[Data records — start]
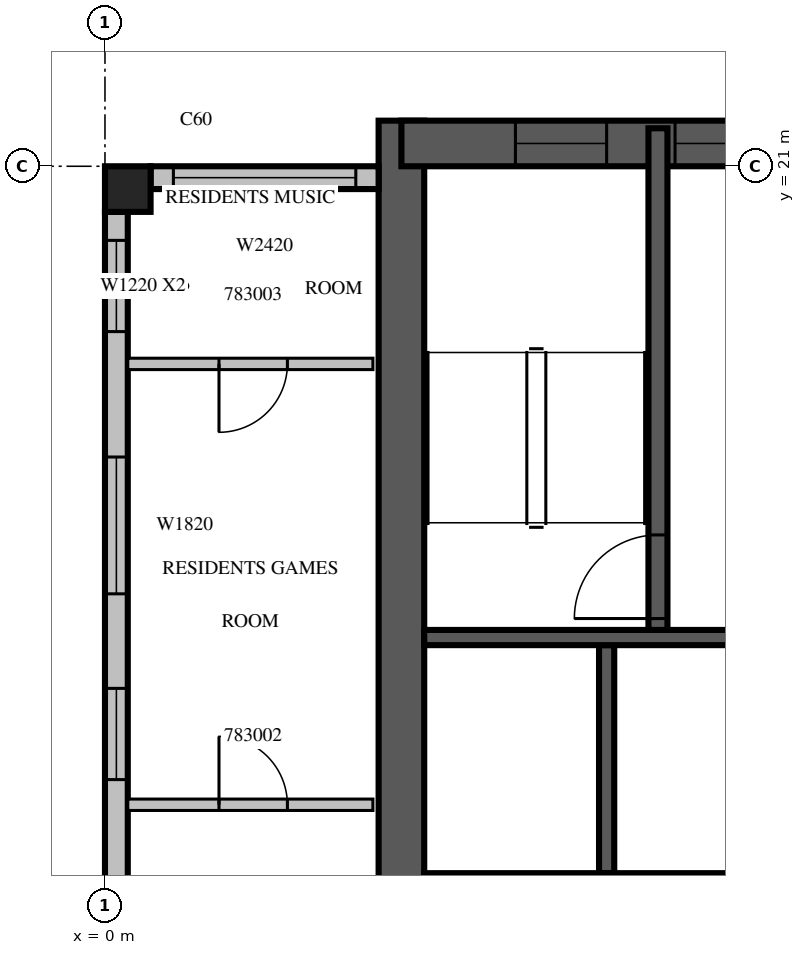
"""IFC4 building model, lengths in metres.
Left out: names, types, materials, properties, quantities, classifications, styles, units other than length and angle.
Written with IfcOpenShell. Run it as: python <this file> out.ifc"""

import sys

from ifc_helpers import new_model, si_unit, direction, frame, frame_2d, origin, origin_2d, place, context, subcontext, project, spatial, rectangle, extrude, source, transform, mapped, element, fill, save


model = new_model("IFC4")
c1 = context("Model", 3, precision=1e-05, world=origin(), true_north=direction((0.0, 1.0)))
c2 = subcontext(c1, "Body", "Model", "MODEL_VIEW")
j1 = project(units=[si_unit("LENGTHUNIT", "METRE"), si_unit("PLANEANGLEUNIT", "RADIAN")], contexts=[c1])
p1 = place(None, origin())
s1 = spatial("IfcSite", under=j1, at=p1, CompositionType="ELEMENT")
p2 = place(p1, origin())
s2 = spatial("IfcBuilding", under=s1, at=p2, CompositionType="ELEMENT")
p3 = place(p2, frame((0.0, 0.0, 351.0)))
s3 = spatial("IfcBuildingStorey", under=s2, at=p3, CompositionType="ELEMENT", Elevation=351.0)
m1 = source(origin(), c2, "Body", "SweptSolid", [
    extrude(rectangle(XDim=0.6, YDim=0.6, at=origin_2d()), origin(), (0.0, 0.0, 1.0), 3.5),
])
p4 = place(p3, frame((0.3, 20.7, 0.0), z_axis=(0.0, 0.0, 1.0), x_axis=(1.0, 0.0, 0.0)))
e1 = element("IfcColumn", 1, at=p4, inside=s3, PredefinedType="COLUMN", context=c2, shape_type="MappedRepresentation", body=[
    mapped(m1, transform((0.0, 0.0, 0.0), scale=1.0)),
])
m2 = source(origin(), c2, "Body", "SweptSolid", [
    extrude(rectangle(XDim=17.4, YDim=0.6, at=frame_2d((8.7, 0.0))), origin(), (0.0, 0.0, 1.0), 3.5),
])
p5 = place(p3, frame((3.9, 4.2, 0.0), z_axis=(0.0, 0.0, 1.0), x_axis=(0.0, 1.0, 0.0)))
e2 = element("IfcWall", 2, at=p5, inside=s3, PredefinedType="SHEAR", context=c2, shape_type="MappedRepresentation", body=[
    mapped(m2, transform((0.0, 0.0, 0.0), scale=1.0)),
])
m3 = source(origin(), c2, "Body", "SweptSolid", [
    extrude(rectangle(XDim=2.2, YDim=2.1, at=frame_2d((1.1, 1.05))), frame((0.0, 0.31, 0.0), z_axis=(0.0, -1.0, 0.0), x_axis=(1.0, 0.0, 0.0)), (0.0, 0.0, 1.0), 0.62),
])
p6 = place(p5, frame((4.2, 0.0, 0.0)))
e3 = element("IfcOpeningElement", 3, at=p6, cuts=e2, PredefinedType="OPENING", context=c2, shape_type="MappedRepresentation", body=[
    mapped(m3, transform((0.0, 0.0, 0.0), scale=1.0)),
])
m4 = source(origin(), c2, "Body", "SweptSolid", [
    extrude(rectangle(XDim=6.6, YDim=0.6, at=frame_2d((3.3, 0.0))), origin(), (0.0, 0.0, 1.0), 3.5),
])
p7 = place(p3, frame((3.9, 21.3, 0.0), z_axis=(0.0, 0.0, 1.0), x_axis=(1.0, 0.0, 0.0)))
e4 = element("IfcWall", 4, at=p7, inside=s3, PredefinedType="SHEAR", context=c2, shape_type="MappedRepresentation", body=[
    mapped(m4, transform((0.0, 0.0, 0.0), scale=1.0)),
])
m5 = source(origin(), c2, "Body", "SweptSolid", [
    extrude(rectangle(XDim=1.2, YDim=2.4, at=frame_2d((0.6, 1.2))), frame((0.0, 0.31, 0.0), z_axis=(0.0, -1.0, 0.0), x_axis=(1.0, 0.0, 0.0)), (0.0, 0.0, 1.0), 0.62),
])
p8 = place(p7, frame((1.5, 0.0, 0.6)))
e5 = element("IfcOpeningElement", 5, at=p8, cuts=e4, PredefinedType="OPENING", context=c2, shape_type="MappedRepresentation", body=[
    mapped(m5, transform((0.0, 0.0, 0.0), scale=1.0)),
])
p9 = place(p7, frame((3.6, 0.0, 0.6)))
e6 = element("IfcOpeningElement", 6, at=p9, cuts=e4, PredefinedType="OPENING", context=c2, shape_type="MappedRepresentation", body=[
    mapped(m5, transform((0.0, 0.0, 0.0), scale=1.0)),
])
m6 = source(origin(), c2, "Body", "SweptSolid", [
    extrude(rectangle(XDim=3.0, YDim=0.3, at=frame_2d((1.5, 0.0))), origin(), (0.0, 0.0, 1.0), 3.1),
])
p10 = place(p3, frame((3.6, 20.85, 0.0), z_axis=(0.0, 0.0, 1.0), x_axis=(-1.0, 0.0, 0.0)))
e7 = element("IfcWall", 7, at=p10, inside=s3, PredefinedType="STANDARD", context=c2, shape_type="MappedRepresentation", body=[
    mapped(m6, transform((0.0, 0.0, 0.0), scale=1.0)),
])
m7 = source(origin(), c2, "Body", "SweptSolid", [
    extrude(rectangle(XDim=2.4, YDim=2.0, at=frame_2d((1.2, 1.0))), frame((0.0, 0.16, 0.0), z_axis=(0.0, -1.0, 0.0), x_axis=(1.0, 0.0, 0.0)), (0.0, 0.0, 1.0), 0.32),
])
p11 = place(p10, frame((0.3, 0.0, 0.6)))
e8 = element("IfcOpeningElement", 8, at=p11, cuts=e7, PredefinedType="OPENING", context=c2, shape_type="MappedRepresentation", body=[
    mapped(m7, transform((0.0, 0.0, 0.0), scale=1.0)),
])
m8 = source(origin(), c2, "Body", "SweptSolid", [
    extrude(rectangle(XDim=9.6, YDim=0.3, at=frame_2d((4.8, 0.0))), origin(), (0.0, 0.0, 1.0), 3.1),
])
p12 = place(p3, frame((0.15, 20.4, 0.0), z_axis=(0.0, 0.0, 1.0), x_axis=(0.0, -1.0, 0.0)))
e9 = element("IfcWall", 9, at=p12, inside=s3, PredefinedType="STANDARD", context=c2, shape_type="MappedRepresentation", body=[
    mapped(m8, transform((0.0, 0.0, 0.0), scale=1.0)),
])
m9 = source(origin(), c2, "Body", "SweptSolid", [
    extrude(rectangle(XDim=1.2, YDim=2.0, at=frame_2d((0.6, 1.0))), frame((0.0, 0.16, 0.0), z_axis=(0.0, -1.0, 0.0), x_axis=(1.0, 0.0, 0.0)), (0.0, 0.0, 1.0), 0.32),
])
p13 = place(p12, frame((0.375, 0.0, 0.6)))
e10 = element("IfcOpeningElement", 10, at=p13, cuts=e9, PredefinedType="OPENING", context=c2, shape_type="MappedRepresentation", body=[
    mapped(m9, transform((0.0, 0.0, 0.0), scale=1.0)),
])
m10 = source(origin(), c2, "Body", "SweptSolid", [
    extrude(rectangle(XDim=1.8, YDim=2.0, at=frame_2d((0.9, 1.0))), frame((0.0, 0.16, 0.0), z_axis=(0.0, -1.0, 0.0), x_axis=(1.0, 0.0, 0.0)), (0.0, 0.0, 1.0), 0.32),
])
p14 = place(p12, frame((3.225, 0.0, 0.6)))
e11 = element("IfcOpeningElement", 11, at=p14, cuts=e9, PredefinedType="OPENING", context=c2, shape_type="MappedRepresentation", body=[
    mapped(m10, transform((0.0, 0.0, 0.0), scale=1.0)),
])
p15 = place(p12, frame((6.269, 0.0, 0.6)))
e12 = element("IfcOpeningElement", 12, at=p15, cuts=e9, PredefinedType="OPENING", context=c2, shape_type="MappedRepresentation", body=[
    mapped(m9, transform((0.0, 0.0, 0.0), scale=1.0)),
])
m11 = source(origin(), c2, "Body", "SweptSolid", [
    extrude(rectangle(XDim=3.0, YDim=0.2, at=frame_2d((1.5, 0.0))), origin(), (0.0, 0.0, 1.0), 3.5),
])
p16 = place(p3, frame((6.6, 11.7, 0.0), z_axis=(0.0, 0.0, 1.0), x_axis=(0.0, 1.0, 0.0)))
e13 = element("IfcWall", 13, at=p16, inside=s3, PredefinedType="SOLIDWALL", context=c2, shape_type="MappedRepresentation", body=[
    mapped(m11, transform((0.0, 0.0, 0.0), scale=1.0)),
])
m12 = source(origin(), c2, "Body", "SweptSolid", [
    extrude(rectangle(XDim=4.8, YDim=0.2, at=frame_2d((2.4, 0.0))), origin(), (0.0, 0.0, 1.0), 3.5),
])
p17 = place(p3, frame((4.2, 11.6, 0.0), z_axis=(0.0, 0.0, 1.0), x_axis=(1.0, 0.0, 0.0)))
e14 = element("IfcWall", 14, at=p17, inside=s3, PredefinedType="SOLIDWALL", context=c2, shape_type="MappedRepresentation", body=[
    mapped(m12, transform((0.0, 0.0, 0.0), scale=1.0)),
])
m13 = source(origin(), c2, "Body", "SweptSolid", [
    extrude(rectangle(XDim=1.1, YDim=2.1, at=frame_2d((0.55, 1.05))), frame((0.0, 0.11, 0.0), z_axis=(0.0, -1.0, 0.0), x_axis=(1.0, 0.0, 0.0)), (0.0, 0.0, 1.0), 0.22),
])
p18 = place(p17, frame((0.65, 0.0, 0.0)))
e15 = element("IfcOpeningElement", 15, at=p18, cuts=e14, PredefinedType="OPENING", context=c2, shape_type="MappedRepresentation", body=[
    mapped(m13, transform((0.0, 0.0, 0.0), scale=1.0)),
])
p19 = place(p17, frame((3.05, 0.0, 0.0)))
e16 = element("IfcOpeningElement", 16, at=p19, cuts=e14, PredefinedType="OPENING", context=c2, shape_type="MappedRepresentation", body=[
    mapped(m13, transform((0.0, 0.0, 0.0), scale=1.0)),
])
p20 = place(p3, frame((4.2, 14.8, 0.0), z_axis=(0.0, 0.0, 1.0), x_axis=(1.0, 0.0, 0.0)))
e17 = element("IfcWall", 17, at=p20, inside=s3, PredefinedType="SOLIDWALL", context=c2, shape_type="MappedRepresentation", body=[
    mapped(m12, transform((0.0, 0.0, 0.0), scale=1.0)),
])
m14 = source(origin(), c2, "Body", "SweptSolid", [
    extrude(rectangle(XDim=6.6, YDim=0.25, at=frame_2d((3.3, 0.0))), origin(), (0.0, 0.0, 1.0), 3.1),
])
p21 = place(p3, frame((7.275, 14.9, 0.0), z_axis=(0.0, 0.0, 1.0), x_axis=(0.0, 1.0, 0.0)))
e18 = element("IfcWall", 18, at=p21, inside=s3, PredefinedType="SOLIDWALL", context=c2, shape_type="MappedRepresentation", body=[
    mapped(m14, transform((0.0, 0.0, 0.0), scale=1.0)),
])
m15 = source(origin(), c2, "Body", "SweptSolid", [
    extrude(rectangle(XDim=1.1, YDim=2.1, at=frame_2d((0.55, 1.05))), frame((0.0, 0.135, 0.0), z_axis=(0.0, -1.0, 0.0), x_axis=(1.0, 0.0, 0.0)), (0.0, 0.0, 1.0), 0.27),
])
p22 = place(p21, frame((0.15, 0.0, 0.0)))
e19 = element("IfcOpeningElement", 19, at=p22, cuts=e18, PredefinedType="OPENING", context=c2, shape_type="MappedRepresentation", body=[
    mapped(m15, transform((0.0, 0.0, 0.0), scale=1.0)),
])
m16 = source(origin(), c2, "Body", "SweptSolid", [
    extrude(rectangle(XDim=3.225, YDim=0.15, at=frame_2d((1.613, 0.0))), origin(), (0.0, 0.0, 1.0), 3.1),
])
p23 = place(p3, frame((0.3, 12.6, 0.0), z_axis=(0.0, 0.0, 1.0), x_axis=(1.0, 0.0, 0.0)))
e20 = element("IfcWall", 20, at=p23, inside=s3, PredefinedType="PARTITIONING", context=c2, shape_type="MappedRepresentation", body=[
    mapped(m16, transform((0.0, 0.0, 0.0), scale=1.0)),
])
m17 = source(origin(), c2, "Body", "SweptSolid", [
    extrude(rectangle(XDim=0.9, YDim=2.1, at=frame_2d((0.45, 1.05))), frame((0.0, 0.085, 0.0), z_axis=(0.0, -1.0, 0.0), x_axis=(1.0, 0.0, 0.0)), (0.0, 0.0, 1.0), 0.17),
])
p24 = place(p23, frame((1.2, 0.0, 0.0)))
e21 = element("IfcOpeningElement", 21, at=p24, cuts=e20, PredefinedType="OPENING", context=c2, shape_type="MappedRepresentation", body=[
    mapped(m17, transform((0.0, 0.0, 0.0), scale=1.0)),
])
p25 = place(p3, frame((0.3, 18.4, 0.0), z_axis=(0.0, 0.0, 1.0), x_axis=(1.0, 0.0, 0.0)))
e22 = element("IfcWall", 22, at=p25, inside=s3, PredefinedType="PARTITIONING", context=c2, shape_type="MappedRepresentation", body=[
    mapped(m16, transform((0.0, 0.0, 0.0), scale=1.0)),
])
p26 = place(p25, frame((1.2, 0.0, 0.0)))
e23 = element("IfcOpeningElement", 23, at=p26, cuts=e22, PredefinedType="OPENING", context=c2, shape_type="MappedRepresentation", body=[
    mapped(m17, transform((0.0, 0.0, 0.0), scale=1.0)),
])
m18 = source(origin(), c2, "Body", "SweptSolid", [
    extrude(rectangle(XDim=2.4, YDim=2.0, at=frame_2d((1.2, 1.0))), frame((0.0, 0.03, 0.0), z_axis=(0.0, -1.0, 0.0), x_axis=(1.0, 0.0, 0.0)), (0.0, 0.0, 1.0), 0.06),
])
p27 = place(p11, origin())
e24 = element("IfcWindow", 24, at=p27, inside=s3, PartitioningType="SINGLE_PANEL", PredefinedType="WINDOW", context=c2, shape_type="MappedRepresentation", body=[
    mapped(m18, transform((0.0, 0.0, 0.0), scale=1.0)),
])
fill(e8, e24)
m19 = source(origin(), c2, "Body", "SweptSolid", [
    extrude(rectangle(XDim=1.2, YDim=2.0, at=frame_2d((0.6, 1.0))), frame((0.0, 0.03, 0.0), z_axis=(0.0, -1.0, 0.0), x_axis=(1.0, 0.0, 0.0)), (0.0, 0.0, 1.0), 0.06),
])
p28 = place(p13, origin())
e25 = element("IfcWindow", 25, at=p28, inside=s3, PartitioningType="SINGLE_PANEL", PredefinedType="WINDOW", context=c2, shape_type="MappedRepresentation", body=[
    mapped(m19, transform((0.0, 0.0, 0.0), scale=1.0)),
])
fill(e10, e25)
m20 = source(origin(), c2, "Body", "SweptSolid", [
    extrude(rectangle(XDim=1.8, YDim=2.0, at=frame_2d((0.9, 1.0))), frame((0.0, 0.03, 0.0), z_axis=(0.0, -1.0, 0.0), x_axis=(1.0, 0.0, 0.0)), (0.0, 0.0, 1.0), 0.06),
])
p29 = place(p14, origin())
e26 = element("IfcWindow", 26, at=p29, inside=s3, PartitioningType="SINGLE_PANEL", PredefinedType="WINDOW", context=c2, shape_type="MappedRepresentation", body=[
    mapped(m20, transform((0.0, 0.0, 0.0), scale=1.0)),
])
fill(e11, e26)
p30 = place(p15, origin())
e27 = element("IfcWindow", 27, at=p30, inside=s3, PartitioningType="SINGLE_PANEL", PredefinedType="WINDOW", context=c2, shape_type="MappedRepresentation", body=[
    mapped(m19, transform((0.0, 0.0, 0.0), scale=1.0)),
])
fill(e12, e27)
m21 = source(origin(), c2, "Body", "SweptSolid", [
    extrude(rectangle(XDim=1.1, YDim=2.1, at=frame_2d((0.55, 1.05))), frame((0.0, 0.025, 0.0), z_axis=(0.0, -1.0, 0.0), x_axis=(1.0, 0.0, 0.0)), (0.0, 0.0, 1.0), 0.05),
])
p31 = place(p22, origin())
e28 = element("IfcDoor", 28, at=p31, inside=s3, OperationType="SINGLE_SWING_LEFT", PredefinedType="DOOR", context=c2, shape_type="MappedRepresentation", body=[
    mapped(m21, transform((0.0, 0.0, 0.0), scale=1.0)),
])
fill(e19, e28)
m22 = source(origin(), c2, "Body", "SweptSolid", [
    extrude(rectangle(XDim=1.2, YDim=2.4, at=frame_2d((0.6, 1.2))), frame((0.0, 0.03, 0.0), z_axis=(0.0, -1.0, 0.0), x_axis=(1.0, 0.0, 0.0)), (0.0, 0.0, 1.0), 0.06),
])
p32 = place(p8, origin())
e29 = element("IfcWindow", 29, at=p32, inside=s3, PartitioningType="SINGLE_PANEL", PredefinedType="WINDOW", context=c2, shape_type="MappedRepresentation", body=[
    mapped(m22, transform((0.0, 0.0, 0.0), scale=1.0)),
])
fill(e5, e29)
p33 = place(p9, origin())
e30 = element("IfcWindow", 30, at=p33, inside=s3, PartitioningType="SINGLE_PANEL", PredefinedType="WINDOW", context=c2, shape_type="MappedRepresentation", body=[
    mapped(m22, transform((0.0, 0.0, 0.0), scale=1.0)),
])
fill(e6, e30)
m23 = source(origin(), c2, "Body", "SweptSolid", [
    extrude(rectangle(XDim=0.9, YDim=2.1, at=frame_2d((0.45, 1.05))), frame((0.0, 0.025, 0.0), z_axis=(0.0, -1.0, 0.0), x_axis=(1.0, 0.0, 0.0)), (0.0, 0.0, 1.0), 0.05),
])
p34 = place(p24, origin())
e31 = element("IfcDoor", 31, at=p34, inside=s3, OperationType="SINGLE_SWING_LEFT", PredefinedType="DOOR", context=c2, shape_type="MappedRepresentation", body=[
    mapped(m23, transform((0.0, 0.0, 0.0), scale=1.0)),
])
fill(e21, e31)
p35 = place(p26, origin())
e32 = element("IfcDoor", 32, at=p35, inside=s3, OperationType="SINGLE_SWING_RIGHT", PredefinedType="DOOR", context=c2, shape_type="MappedRepresentation", body=[
    mapped(m23, transform((0.0, 0.0, 0.0), scale=1.0)),
])
fill(e23, e32)
save(model, sys.argv[1])
[Data records — finish]
Aim of the task: Please reproduce the lines from the line with "fill(e5, e29)" to the line with "p35 = place(p26, origin())", both ends included, exactly as they appear above.

Output of the exercise:
fill(e5, e29)
p33 = place(p9, origin())
e30 = element("IfcWindow", 30, at=p33, inside=s3, PartitioningType="SINGLE_PANEL", PredefinedType="WINDOW", context=c2, shape_type="MappedRepresentation", body=[
    mapped(m22, transform((0.0, 0.0, 0.0), scale=1.0)),
])
fill(e6, e30)
m23 = source(origin(), c2, "Body", "SweptSolid", [
    extrude(rectangle(XDim=0.9, YDim=2.1, at=frame_2d((0.45, 1.05))), frame((0.0, 0.025, 0.0), z_axis=(0.0, -1.0, 0.0), x_axis=(1.0, 0.0, 0.0)), (0.0, 0.0, 1.0), 0.05),
])
p34 = place(p24, origin())
e31 = element("IfcDoor", 31, at=p34, inside=s3, OperationType="SINGLE_SWING_LEFT", PredefinedType="DOOR", context=c2, shape_type="MappedRepresentation", body=[
    mapped(m23, transform((0.0, 0.0, 0.0), scale=1.0)),
])
fill(e21, e31)
p35 = place(p26, origin())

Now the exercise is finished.